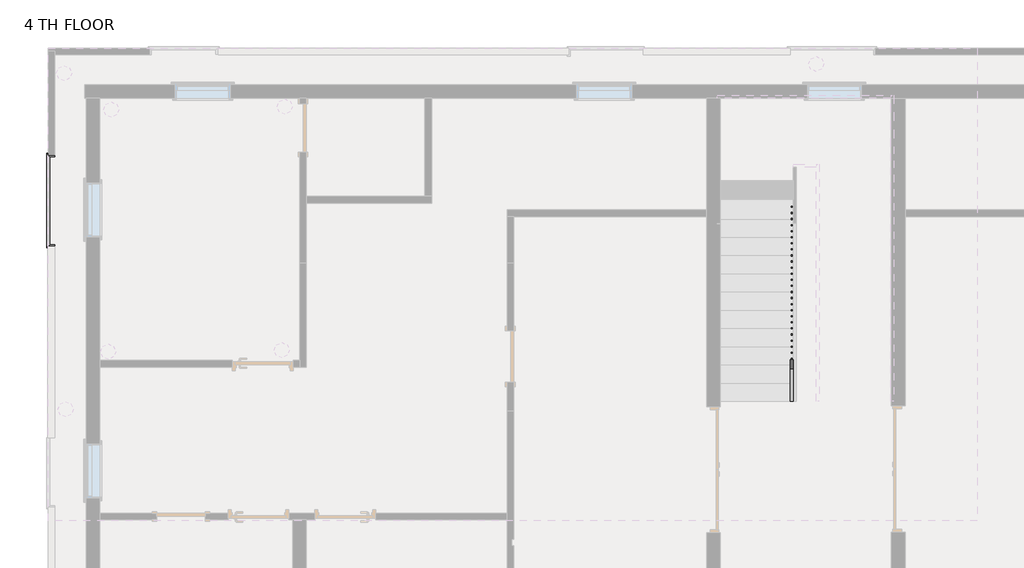
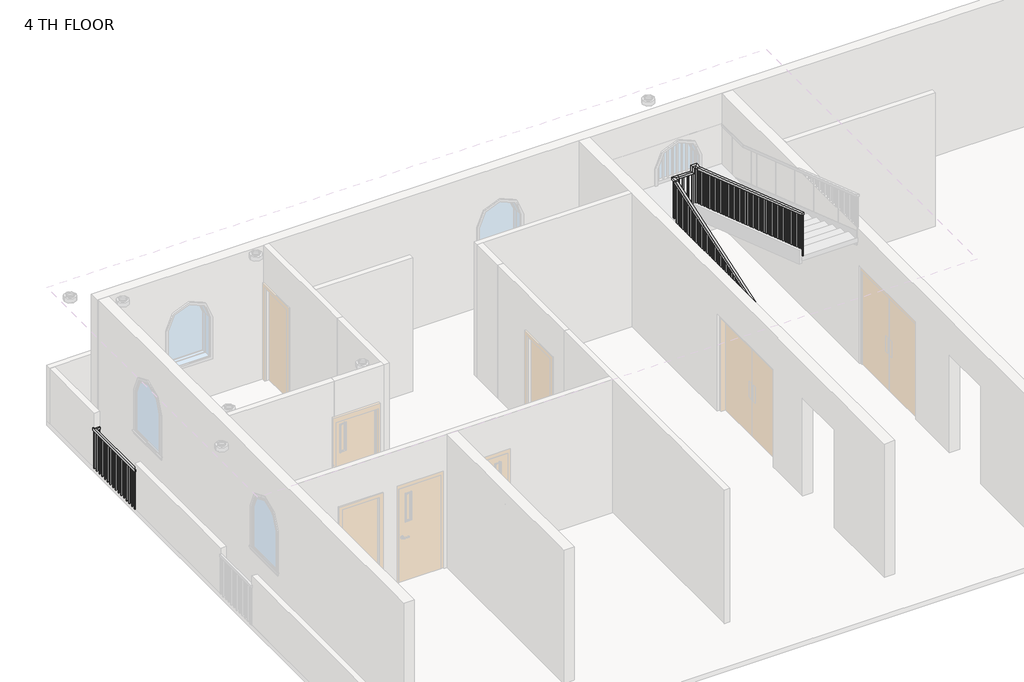
# One storey, part 4 of 7: 2 railings.
"""IFC4 building model written with IfcOpenShell, lengths in millimetres."""

from ifc_helpers import new_model, si_unit, frame, origin, place, context, project, spatial, polyline, outline, extrude, faceted_brep, element, save

model = new_model("IFC4")

# Units and contexts
model_context = context("Model", 3, world=origin())
ifc_project = project(units=[si_unit("LENGTHUNIT", "METRE", prefix="MILLI")], contexts=[model_context])

# Site, building, storey
site = spatial("IfcSite", under=ifc_project)
building = spatial("IfcBuilding", under=site)
storey = spatial("IfcBuildingStorey", under=building, Name="4 TH FLOOR", Elevation=12801.6)

# Railings
placement = place(None, origin())
element("IfcRailing", 1, ObjectType="Handrail - Rectangular", at=placement, inside=storey, context=model_context, shape_type="SolidModel", body=[
    faceted_brep([(-680.3987998, 2564.5067329, 13819.4142857), (-680.3987998, 2564.5067329, 13765.7699957), (-629.5987998, 2564.5067329, 13765.7699957), (-629.5987998, 2564.5067329, 13819.4142857), (-680.3987998, 6450.7067329, 15137.9464286), (-680.3987998, 6501.5067329, 15101.5378529), (-629.5987998, 6501.5067329, 15101.5378529), (-629.5987998, 6450.7067329, 15137.9464286), (-553.3987998, 6577.7067329, 15113.0), (-553.3987998, 6577.7067329, 15163.8), (-273.9987915, 6577.7067329, 15163.8), (-223.1987915, 6577.7067329, 15113.0), (-553.3987998, 6526.9067329, 15113.0), (-223.1987915, 6526.9067329, 15113.0), (-553.3987998, 6526.9067329, 15163.8), (-273.9987915, 6526.9067329, 15163.8), (-146.9987915, 2564.5067329, 16611.6), (-197.7987915, 2564.5067329, 16611.6), (-197.7987915, 2564.5067329, 16557.95571), (-146.9987915, 2564.5067329, 16557.95571), (-146.9987915, 6442.3235624, 15242.2678571), (-146.9987915, 6450.7067329, 15293.0678571), (-197.7987915, 6442.3235624, 15242.2678571), (-197.7987915, 6450.7067329, 15293.0678571), (-680.3987998, 6450.7067329, 15163.8), (-680.3987998, 6501.5067329, 15113.0), (-629.5987998, 6501.5067329, 15113.0), (-629.5987998, 6450.7067329, 15163.8), (-680.3987998, 6577.7067329, 15163.8), (-680.3987998, 6577.7067329, 15113.0), (-629.5987998, 6526.9067329, 15113.0), (-629.5987998, 6526.9067329, 15163.8), (-273.9987915, 6577.7067329, 15293.0678571), (-223.1987915, 6577.7067329, 15242.2678571), (-223.1987915, 6526.9067329, 15242.2678571), (-273.9987915, 6526.9067329, 15293.0678571), (-146.9987915, 6577.7067329, 15293.0678571), (-146.9987915, 6577.7067329, 15242.2678571), (-197.7987915, 6526.9067329, 15242.2678571), (-197.7987915, 6526.9067329, 15293.0678571)], [[[0, 1, 2, 3]], [[1, 0, 4, 5]], [[2, 1, 5, 6]], [[3, 2, 6, 7]], [[0, 3, 7, 4]], [[8, 9, 10, 11]], [[12, 8, 11, 13]], [[14, 12, 13, 15]], [[9, 14, 15, 10]], [[16, 17, 18, 19]], [[20, 21, 16, 19]], [[22, 20, 19, 18]], [[23, 22, 18, 17]], [[21, 23, 17, 16]], [[5, 4, 24, 25]], [[6, 5, 25, 26]], [[7, 6, 26, 27]], [[4, 7, 27, 24]], [[25, 24, 28, 29]], [[26, 25, 29, 30]], [[27, 26, 30, 31]], [[24, 27, 31, 28]], [[29, 28, 9, 8]], [[30, 29, 8, 12]], [[31, 30, 12, 14]], [[28, 31, 14, 9]], [[11, 10, 32, 33]], [[13, 11, 33, 34]], [[15, 13, 34, 35]], [[10, 15, 35, 32]], [[33, 32, 36, 37]], [[34, 33, 37, 38]], [[35, 34, 38, 39]], [[32, 35, 39, 36]], [[37, 36, 21, 20]], [[38, 37, 20, 22]], [[39, 38, 22, 23]], [[36, 39, 23, 21]]]),
    extrude(outline(polyline([(2580.3817329, 16552.5695493), (2599.4317329, 16546.1061565), (2599.4317329, 15593.7857143), (2580.3817329, 15593.7857143), (2580.3817329, 16552.5695493)])), frame((-181.9237915, 0.0, 0.0), z_axis=(1.0, 0.0, 0.0), x_axis=(0.0, 1.0, 0.0)), (0.0, 0.0, 1.0), 19.05),
    extrude(outline(polyline([(2681.9817329, 16518.0981207), (2701.0317329, 16511.6347279), (2701.0317329, 15593.7857143), (2681.9817329, 15593.7857143), (2681.9817329, 16518.0981207)])), frame((-181.9237915, 0.0, 0.0), z_axis=(1.0, 0.0, 0.0), x_axis=(0.0, 1.0, 0.0)), (0.0, 0.0, 1.0), 19.05),
    extrude(outline(polyline([(2783.5817329, 16483.6266922), (2802.6317329, 16477.1632993), (2802.6317329, 15593.7857143), (2783.5817329, 15593.7857143), (2783.5817329, 16483.6266922)])), frame((-181.9237915, 0.0, 0.0), z_axis=(1.0, 0.0, 0.0), x_axis=(0.0, 1.0, 0.0)), (0.0, 0.0, 1.0), 19.05),
    extrude(outline(polyline([(2885.1817329, 16449.1552636), (2904.2317329, 16442.6918707), (2904.2317329, 15490.3714286), (2885.1817329, 15490.3714286), (2885.1817329, 16449.1552636)])), frame((-181.9237915, 0.0, 0.0), z_axis=(1.0, 0.0, 0.0), x_axis=(0.0, 1.0, 0.0)), (0.0, 0.0, 1.0), 19.05),
    extrude(outline(polyline([(2986.7817329, 16414.683835), (3005.8317329, 16408.2204422), (3005.8317329, 15490.3714286), (2986.7817329, 15490.3714286), (2986.7817329, 16414.683835)])), frame((-181.9237915, 0.0, 0.0), z_axis=(1.0, 0.0, 0.0), x_axis=(0.0, 1.0, 0.0)), (0.0, 0.0, 1.0), 19.05),
    extrude(outline(polyline([(3088.3817329, 16380.2124065), (3107.4317329, 16373.7490136), (3107.4317329, 15490.3714286), (3088.3817329, 15490.3714286), (3088.3817329, 16380.2124065)])), frame((-181.9237915, 0.0, 0.0), z_axis=(1.0, 0.0, 0.0), x_axis=(0.0, 1.0, 0.0)), (0.0, 0.0, 1.0), 19.05),
    extrude(outline(polyline([(3189.9817329, 16345.7409779), (3209.0317329, 16339.277585), (3209.0317329, 15386.9571429), (3189.9817329, 15386.9571429), (3189.9817329, 16345.7409779)])), frame((-181.9237915, 0.0, 0.0), z_axis=(1.0, 0.0, 0.0), x_axis=(0.0, 1.0, 0.0)), (0.0, 0.0, 1.0), 19.05),
    extrude(outline(polyline([(3291.5817329, 16311.2695493), (3310.6317329, 16304.8061565), (3310.6317329, 15386.9571429), (3291.5817329, 15386.9571429), (3291.5817329, 16311.2695493)])), frame((-181.9237915, 0.0, 0.0), z_axis=(1.0, 0.0, 0.0), x_axis=(0.0, 1.0, 0.0)), (0.0, 0.0, 1.0), 19.05),
    extrude(outline(polyline([(3393.1817329, 16276.7981207), (3412.2317329, 16270.3347279), (3412.2317329, 15386.9571429), (3393.1817329, 15386.9571429), (3393.1817329, 16276.7981207)])), frame((-181.9237915, 0.0, 0.0), z_axis=(1.0, 0.0, 0.0), x_axis=(0.0, 1.0, 0.0)), (0.0, 0.0, 1.0), 19.05),
    extrude(outline(polyline([(3494.7817329, 16242.3266922), (3513.8317329, 16235.8632993), (3513.8317329, 15283.5428571), (3494.7817329, 15283.5428571), (3494.7817329, 16242.3266922)])), frame((-181.9237915, 0.0, 0.0), z_axis=(1.0, 0.0, 0.0), x_axis=(0.0, 1.0, 0.0)), (0.0, 0.0, 1.0), 19.05),
    extrude(outline(polyline([(3596.3817329, 16207.8552636), (3615.4317329, 16201.3918707), (3615.4317329, 15283.5428571), (3596.3817329, 15283.5428571), (3596.3817329, 16207.8552636)])), frame((-181.9237915, 0.0, 0.0), z_axis=(1.0, 0.0, 0.0), x_axis=(0.0, 1.0, 0.0)), (0.0, 0.0, 1.0), 19.05),
    extrude(outline(polyline([(3697.9817329, 16173.383835), (3717.0317329, 16166.9204422), (3717.0317329, 15283.5428571), (3697.9817329, 15283.5428571), (3697.9817329, 16173.383835)])), frame((-181.9237915, 0.0, 0.0), z_axis=(1.0, 0.0, 0.0), x_axis=(0.0, 1.0, 0.0)), (0.0, 0.0, 1.0), 19.05),
    extrude(outline(polyline([(3799.5817329, 16138.9124065), (3818.6317329, 16132.4490136), (3818.6317329, 15180.1285714), (3799.5817329, 15180.1285714), (3799.5817329, 16138.9124065)])), frame((-181.9237915, 0.0, 0.0), z_axis=(1.0, 0.0, 0.0), x_axis=(0.0, 1.0, 0.0)), (0.0, 0.0, 1.0), 19.05),
    extrude(outline(polyline([(3901.1817329, 16104.4409779), (3920.2317329, 16097.977585), (3920.2317329, 15180.1285714), (3901.1817329, 15180.1285714), (3901.1817329, 16104.4409779)])), frame((-181.9237915, 0.0, 0.0), z_axis=(1.0, 0.0, 0.0), x_axis=(0.0, 1.0, 0.0)), (0.0, 0.0, 1.0), 19.05),
    extrude(outline(polyline([(4002.7817329, 16069.9695493), (4021.8317329, 16063.5061565), (4021.8317329, 15180.1285714), (4002.7817329, 15180.1285714), (4002.7817329, 16069.9695493)])), frame((-181.9237915, 0.0, 0.0), z_axis=(1.0, 0.0, 0.0), x_axis=(0.0, 1.0, 0.0)), (0.0, 0.0, 1.0), 19.05),
    extrude(outline(polyline([(4104.3817329, 16035.4981207), (4123.4317329, 16029.0347279), (4123.4317329, 15076.7142857), (4104.3817329, 15076.7142857), (4104.3817329, 16035.4981207)])), frame((-181.9237915, 0.0, 0.0), z_axis=(1.0, 0.0, 0.0), x_axis=(0.0, 1.0, 0.0)), (0.0, 0.0, 1.0), 19.05),
    extrude(outline(polyline([(4205.9817329, 16001.0266922), (4225.0317329, 15994.5632993), (4225.0317329, 15076.7142857), (4205.9817329, 15076.7142857), (4205.9817329, 16001.0266922)])), frame((-181.9237915, 0.0, 0.0), z_axis=(1.0, 0.0, 0.0), x_axis=(0.0, 1.0, 0.0)), (0.0, 0.0, 1.0), 19.05),
    extrude(outline(polyline([(4307.5817329, 15966.5552636), (4326.6317329, 15960.0918707), (4326.6317329, 15076.7142857), (4307.5817329, 15076.7142857), (4307.5817329, 15966.5552636)])), frame((-181.9237915, 0.0, 0.0), z_axis=(1.0, 0.0, 0.0), x_axis=(0.0, 1.0, 0.0)), (0.0, 0.0, 1.0), 19.05),
    extrude(outline(polyline([(4409.1817329, 15932.083835), (4428.2317329, 15925.6204422), (4428.2317329, 14973.3), (4409.1817329, 14973.3), (4409.1817329, 15932.083835)])), frame((-181.9237915, 0.0, 0.0), z_axis=(1.0, 0.0, 0.0), x_axis=(0.0, 1.0, 0.0)), (0.0, 0.0, 1.0), 19.05),
    extrude(outline(polyline([(4510.7817329, 15897.6124065), (4529.8317329, 15891.1490136), (4529.8317329, 14973.3), (4510.7817329, 14973.3), (4510.7817329, 15897.6124065)])), frame((-181.9237915, 0.0, 0.0), z_axis=(1.0, 0.0, 0.0), x_axis=(0.0, 1.0, 0.0)), (0.0, 0.0, 1.0), 19.05),
    extrude(outline(polyline([(4612.3817329, 15863.1409779), (4631.4317329, 15856.677585), (4631.4317329, 14973.3), (4612.3817329, 14973.3), (4612.3817329, 15863.1409779)])), frame((-181.9237915, 0.0, 0.0), z_axis=(1.0, 0.0, 0.0), x_axis=(0.0, 1.0, 0.0)), (0.0, 0.0, 1.0), 19.05),
    extrude(outline(polyline([(4713.9817329, 15828.6695493), (4733.0317329, 15822.2061565), (4733.0317329, 14869.8857143), (4713.9817329, 14869.8857143), (4713.9817329, 15828.6695493)])), frame((-181.9237915, 0.0, 0.0), z_axis=(1.0, 0.0, 0.0), x_axis=(0.0, 1.0, 0.0)), (0.0, 0.0, 1.0), 19.05),
    extrude(outline(polyline([(4815.5817329, 15794.1981207), (4834.6317329, 15787.7347279), (4834.6317329, 14869.8857143), (4815.5817329, 14869.8857143), (4815.5817329, 15794.1981207)])), frame((-181.9237915, 0.0, 0.0), z_axis=(1.0, 0.0, 0.0), x_axis=(0.0, 1.0, 0.0)), (0.0, 0.0, 1.0), 19.05),
    extrude(outline(polyline([(4917.1817329, 15759.7266922), (4936.2317329, 15753.2632993), (4936.2317329, 14869.8857143), (4917.1817329, 14869.8857143), (4917.1817329, 15759.7266922)])), frame((-181.9237915, 0.0, 0.0), z_axis=(1.0, 0.0, 0.0), x_axis=(0.0, 1.0, 0.0)), (0.0, 0.0, 1.0), 19.05),
    extrude(outline(polyline([(5018.7817329, 15725.2552636), (5037.8317329, 15718.7918707), (5037.8317329, 14766.4714286), (5018.7817329, 14766.4714286), (5018.7817329, 15725.2552636)])), frame((-181.9237915, 0.0, 0.0), z_axis=(1.0, 0.0, 0.0), x_axis=(0.0, 1.0, 0.0)), (0.0, 0.0, 1.0), 19.05),
    extrude(outline(polyline([(5120.3817329, 15690.783835), (5139.4317329, 15684.3204422), (5139.4317329, 14766.4714286), (5120.3817329, 14766.4714286), (5120.3817329, 15690.783835)])), frame((-181.9237915, 0.0, 0.0), z_axis=(1.0, 0.0, 0.0), x_axis=(0.0, 1.0, 0.0)), (0.0, 0.0, 1.0), 19.05),
    extrude(outline(polyline([(5221.9817329, 15656.3124065), (5241.0317329, 15649.8490136), (5241.0317329, 14766.4714286), (5221.9817329, 14766.4714286), (5221.9817329, 15656.3124065)])), frame((-181.9237915, 0.0, 0.0), z_axis=(1.0, 0.0, 0.0), x_axis=(0.0, 1.0, 0.0)), (0.0, 0.0, 1.0), 19.05),
    extrude(outline(polyline([(5323.5817329, 15621.8409779), (5342.6317329, 15615.377585), (5342.6317329, 14663.0571429), (5323.5817329, 14663.0571429), (5323.5817329, 15621.8409779)])), frame((-181.9237915, 0.0, 0.0), z_axis=(1.0, 0.0, 0.0), x_axis=(0.0, 1.0, 0.0)), (0.0, 0.0, 1.0), 19.05),
    extrude(outline(polyline([(5425.1817329, 15587.3695493), (5444.2317329, 15580.9061565), (5444.2317329, 14663.0571429), (5425.1817329, 14663.0571429), (5425.1817329, 15587.3695493)])), frame((-181.9237915, 0.0, 0.0), z_axis=(1.0, 0.0, 0.0), x_axis=(0.0, 1.0, 0.0)), (0.0, 0.0, 1.0), 19.05),
    extrude(outline(polyline([(5526.7817329, 15552.8981207), (5545.8317329, 15546.4347279), (5545.8317329, 14663.0571429), (5526.7817329, 14663.0571429), (5526.7817329, 15552.8981207)])), frame((-181.9237915, 0.0, 0.0), z_axis=(1.0, 0.0, 0.0), x_axis=(0.0, 1.0, 0.0)), (0.0, 0.0, 1.0), 19.05),
    extrude(outline(polyline([(5628.3817329, 15518.4266922), (5647.4317329, 15511.9632993), (5647.4317329, 14559.6428571), (5628.3817329, 14559.6428571), (5628.3817329, 15518.4266922)])), frame((-181.9237915, 0.0, 0.0), z_axis=(1.0, 0.0, 0.0), x_axis=(0.0, 1.0, 0.0)), (0.0, 0.0, 1.0), 19.05),
    extrude(outline(polyline([(5729.9817329, 15483.9552636), (5749.0317329, 15477.4918707), (5749.0317329, 14559.6428571), (5729.9817329, 14559.6428571), (5729.9817329, 15483.9552636)])), frame((-181.9237915, 0.0, 0.0), z_axis=(1.0, 0.0, 0.0), x_axis=(0.0, 1.0, 0.0)), (0.0, 0.0, 1.0), 19.05),
    extrude(outline(polyline([(5831.5817329, 15449.483835), (5850.6317329, 15443.0204422), (5850.6317329, 14559.6428571), (5831.5817329, 14559.6428571), (5831.5817329, 15449.483835)])), frame((-181.9237915, 0.0, 0.0), z_axis=(1.0, 0.0, 0.0), x_axis=(0.0, 1.0, 0.0)), (0.0, 0.0, 1.0), 19.05),
    extrude(outline(polyline([(5933.1817329, 15415.0124065), (5952.2317329, 15408.5490136), (5952.2317329, 14456.2285714), (5933.1817329, 14456.2285714), (5933.1817329, 15415.0124065)])), frame((-181.9237915, 0.0, 0.0), z_axis=(1.0, 0.0, 0.0), x_axis=(0.0, 1.0, 0.0)), (0.0, 0.0, 1.0), 19.05),
    extrude(outline(polyline([(6034.7817329, 15380.5409779), (6053.8317329, 15374.077585), (6053.8317329, 14456.2285714), (6034.7817329, 14456.2285714), (6034.7817329, 15380.5409779)])), frame((-181.9237915, 0.0, 0.0), z_axis=(1.0, 0.0, 0.0), x_axis=(0.0, 1.0, 0.0)), (0.0, 0.0, 1.0), 19.05),
    extrude(outline(polyline([(6136.3817329, 15346.0695493), (6155.4317329, 15339.6061565), (6155.4317329, 14456.2285714), (6136.3817329, 14456.2285714), (6136.3817329, 15346.0695493)])), frame((-181.9237915, 0.0, 0.0), z_axis=(1.0, 0.0, 0.0), x_axis=(0.0, 1.0, 0.0)), (0.0, 0.0, 1.0), 19.05),
    extrude(outline(polyline([(6237.9817329, 15311.5981207), (6257.0317329, 15305.1347279), (6257.0317329, 14352.8142857), (6237.9817329, 14352.8142857), (6237.9817329, 15311.5981207)])), frame((-181.9237915, 0.0, 0.0), z_axis=(1.0, 0.0, 0.0), x_axis=(0.0, 1.0, 0.0)), (0.0, 0.0, 1.0), 19.05),
    extrude(outline(polyline([(6339.5817329, 15277.1266922), (6358.6317329, 15270.6632993), (6358.6317329, 14352.8142857), (6339.5817329, 14352.8142857), (6339.5817329, 15277.1266922)])), frame((-181.9237915, 0.0, 0.0), z_axis=(1.0, 0.0, 0.0), x_axis=(0.0, 1.0, 0.0)), (0.0, 0.0, 1.0), 19.05),
    extrude(outline(polyline([(6441.1817329, 15242.6552636), (6460.2317329, 15236.1918707), (6460.2317329, 14352.8142857), (6441.1817329, 14352.8142857), (6441.1817329, 15242.6552636)])), frame((-181.9237915, 0.0, 0.0), z_axis=(1.0, 0.0, 0.0), x_axis=(0.0, 1.0, 0.0)), (0.0, 0.0, 1.0), 19.05),
    extrude(outline(polyline([(-258.1237998, 6542.7817329), (-258.1237998, 6561.8317329), (-239.0737998, 6561.8317329), (-239.0737998, 6542.7817329), (-258.1237998, 6542.7817329)])), frame((0.0, 0.0, 14249.4), z_axis=(0.0, 0.0, 1.0), x_axis=(1.0, 0.0, 0.0)), (0.0, 0.0, 1.0), 992.8678571),
    extrude(outline(polyline([(-359.7237998, 6542.7817329), (-359.7237998, 6561.8317329), (-340.6737998, 6561.8317329), (-340.6737998, 6542.7817329), (-359.7237998, 6542.7817329)])), frame((0.0, 0.0, 14249.4), z_axis=(0.0, 0.0, 1.0), x_axis=(1.0, 0.0, 0.0)), (0.0, 0.0, 1.0), 863.6),
    extrude(outline(polyline([(-461.3237998, 6542.7817329), (-461.3237998, 6561.8317329), (-442.2737998, 6561.8317329), (-442.2737998, 6542.7817329), (-461.3237998, 6542.7817329)])), frame((0.0, 0.0, 14249.4), z_axis=(0.0, 0.0, 1.0), x_axis=(1.0, 0.0, 0.0)), (0.0, 0.0, 1.0), 863.6),
    extrude(outline(polyline([(-562.9237998, 6542.7817329), (-562.9237998, 6561.8317329), (-543.8737998, 6561.8317329), (-543.8737998, 6542.7817329), (-562.9237998, 6542.7817329)])), frame((0.0, 0.0, 14249.4), z_axis=(0.0, 0.0, 1.0), x_axis=(1.0, 0.0, 0.0)), (0.0, 0.0, 1.0), 863.6),
    extrude(outline(polyline([(-645.4737998, 6517.3817329), (-664.5237998, 6517.3817329), (-664.5237998, 6536.4317329), (-645.4737998, 6536.4317329), (-645.4737998, 6517.3817329)])), frame((0.0, 0.0, 14249.4), z_axis=(0.0, 0.0, 1.0), x_axis=(1.0, 0.0, 0.0)), (0.0, 0.0, 1.0), 863.6),
    extrude(outline(polyline([(6415.7817329, 15072.452585), (6434.8317329, 15078.9159779), (6434.8317329, 14145.9857143), (6415.7817329, 14145.9857143), (6415.7817329, 15072.452585)])), frame((-664.5237998, 0.0, 0.0), z_axis=(1.0, 0.0, 0.0), x_axis=(0.0, 1.0, 0.0)), (0.0, 0.0, 1.0), 19.05),
    extrude(outline(polyline([(6314.1817329, 15037.9811565), (6333.2317329, 15044.4445493), (6333.2317329, 14145.9857143), (6314.1817329, 14145.9857143), (6314.1817329, 15037.9811565)])), frame((-664.5237998, 0.0, 0.0), z_axis=(1.0, 0.0, 0.0), x_axis=(0.0, 1.0, 0.0)), (0.0, 0.0, 1.0), 19.05),
    extrude(outline(polyline([(6212.5817329, 15003.5097279), (6231.6317329, 15009.9731207), (6231.6317329, 14145.9857143), (6212.5817329, 14145.9857143), (6212.5817329, 15003.5097279)])), frame((-664.5237998, 0.0, 0.0), z_axis=(1.0, 0.0, 0.0), x_axis=(0.0, 1.0, 0.0)), (0.0, 0.0, 1.0), 19.05),
    extrude(outline(polyline([(6110.9817329, 14969.0382993), (6130.0317329, 14975.5016922), (6130.0317329, 14042.5714286), (6110.9817329, 14042.5714286), (6110.9817329, 14969.0382993)])), frame((-664.5237998, 0.0, 0.0), z_axis=(1.0, 0.0, 0.0), x_axis=(0.0, 1.0, 0.0)), (0.0, 0.0, 1.0), 19.05),
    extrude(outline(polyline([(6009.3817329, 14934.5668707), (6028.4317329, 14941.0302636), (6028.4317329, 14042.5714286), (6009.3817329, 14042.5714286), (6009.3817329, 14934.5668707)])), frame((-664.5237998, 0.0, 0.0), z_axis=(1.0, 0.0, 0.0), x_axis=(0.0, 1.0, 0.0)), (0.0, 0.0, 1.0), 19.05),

══════════

### Task item
Within the entries, how many lines contain the word "building"? Answer with a number alone.

### Exercise solution
4